*** Opening of Exercise material ***

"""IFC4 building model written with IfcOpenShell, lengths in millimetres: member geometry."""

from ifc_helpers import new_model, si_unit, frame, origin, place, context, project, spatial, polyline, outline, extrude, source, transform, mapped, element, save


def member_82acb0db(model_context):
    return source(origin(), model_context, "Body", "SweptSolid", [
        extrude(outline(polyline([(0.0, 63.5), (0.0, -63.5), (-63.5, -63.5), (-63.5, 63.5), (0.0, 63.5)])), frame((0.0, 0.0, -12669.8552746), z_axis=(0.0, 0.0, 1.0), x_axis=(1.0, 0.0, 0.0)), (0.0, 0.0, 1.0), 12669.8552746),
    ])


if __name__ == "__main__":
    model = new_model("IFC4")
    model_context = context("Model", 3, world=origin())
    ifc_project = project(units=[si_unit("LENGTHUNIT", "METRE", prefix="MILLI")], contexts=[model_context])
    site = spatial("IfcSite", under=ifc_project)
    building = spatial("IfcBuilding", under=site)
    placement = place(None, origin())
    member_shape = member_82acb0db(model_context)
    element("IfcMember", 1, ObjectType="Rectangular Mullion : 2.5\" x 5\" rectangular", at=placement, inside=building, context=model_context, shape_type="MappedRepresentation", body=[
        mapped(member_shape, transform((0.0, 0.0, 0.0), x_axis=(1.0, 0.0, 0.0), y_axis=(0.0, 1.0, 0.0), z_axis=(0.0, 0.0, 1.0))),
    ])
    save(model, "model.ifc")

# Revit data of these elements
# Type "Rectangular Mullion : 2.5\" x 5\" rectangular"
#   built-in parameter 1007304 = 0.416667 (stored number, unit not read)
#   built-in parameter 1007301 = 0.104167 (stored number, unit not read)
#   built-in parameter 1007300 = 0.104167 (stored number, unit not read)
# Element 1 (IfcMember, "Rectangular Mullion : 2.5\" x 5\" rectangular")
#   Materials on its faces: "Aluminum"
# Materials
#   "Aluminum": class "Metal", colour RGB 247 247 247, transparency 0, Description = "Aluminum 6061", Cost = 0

*** Close of Exercise material ***

→ **What the task asks**: Return all of the lines above exactly, with none omitted.

→ **Solved problem**:
"""IFC4 building model written with IfcOpenShell, lengths in millimetres: member geometry."""

from ifc_helpers import new_model, si_unit, frame, origin, place, context, project, spatial, polyline, outline, extrude, source, transform, mapped, element, save


def member_82acb0db(model_context):
    return source(origin(), model_context, "Body", "SweptSolid", [
        extrude(outline(polyline([(0.0, 63.5), (0.0, -63.5), (-63.5, -63.5), (-63.5, 63.5), (0.0, 63.5)])), frame((0.0, 0.0, -12669.8552746), z_axis=(0.0, 0.0, 1.0), x_axis=(1.0, 0.0, 0.0)), (0.0, 0.0, 1.0), 12669.8552746),
    ])


if __name__ == "__main__":
    model = new_model("IFC4")
    model_context = context("Model", 3, world=origin())
    ifc_project = project(units=[si_unit("LENGTHUNIT", "METRE", prefix="MILLI")], contexts=[model_context])
    site = spatial("IfcSite", under=ifc_project)
    building = spatial("IfcBuilding", under=site)
    placement = place(None, origin())
    member_shape = member_82acb0db(model_context)
    element("IfcMember", 1, ObjectType="Rectangular Mullion : 2.5\" x 5\" rectangular", at=placement, inside=building, context=model_context, shape_type="MappedRepresentation", body=[
        mapped(member_shape, transform((0.0, 0.0, 0.0), x_axis=(1.0, 0.0, 0.0), y_axis=(0.0, 1.0, 0.0), z_axis=(0.0, 0.0, 1.0))),
    ])
    save(model, "model.ifc")

# Revit data of these elements
# Type "Rectangular Mullion : 2.5\" x 5\" rectangular"
#   built-in parameter 1007304 = 0.416667 (stored number, unit not read)
#   built-in parameter 1007301 = 0.104167 (stored number, unit not read)
#   built-in parameter 1007300 = 0.104167 (stored number, unit not read)
# Element 1 (IfcMember, "Rectangular Mullion : 2.5\" x 5\" rectangular")
#   Materials on its faces: "Aluminum"
# Materials
#   "Aluminum": class "Metal", colour RGB 247 247 247, transparency 0, Description = "Aluminum 6061", Cost = 0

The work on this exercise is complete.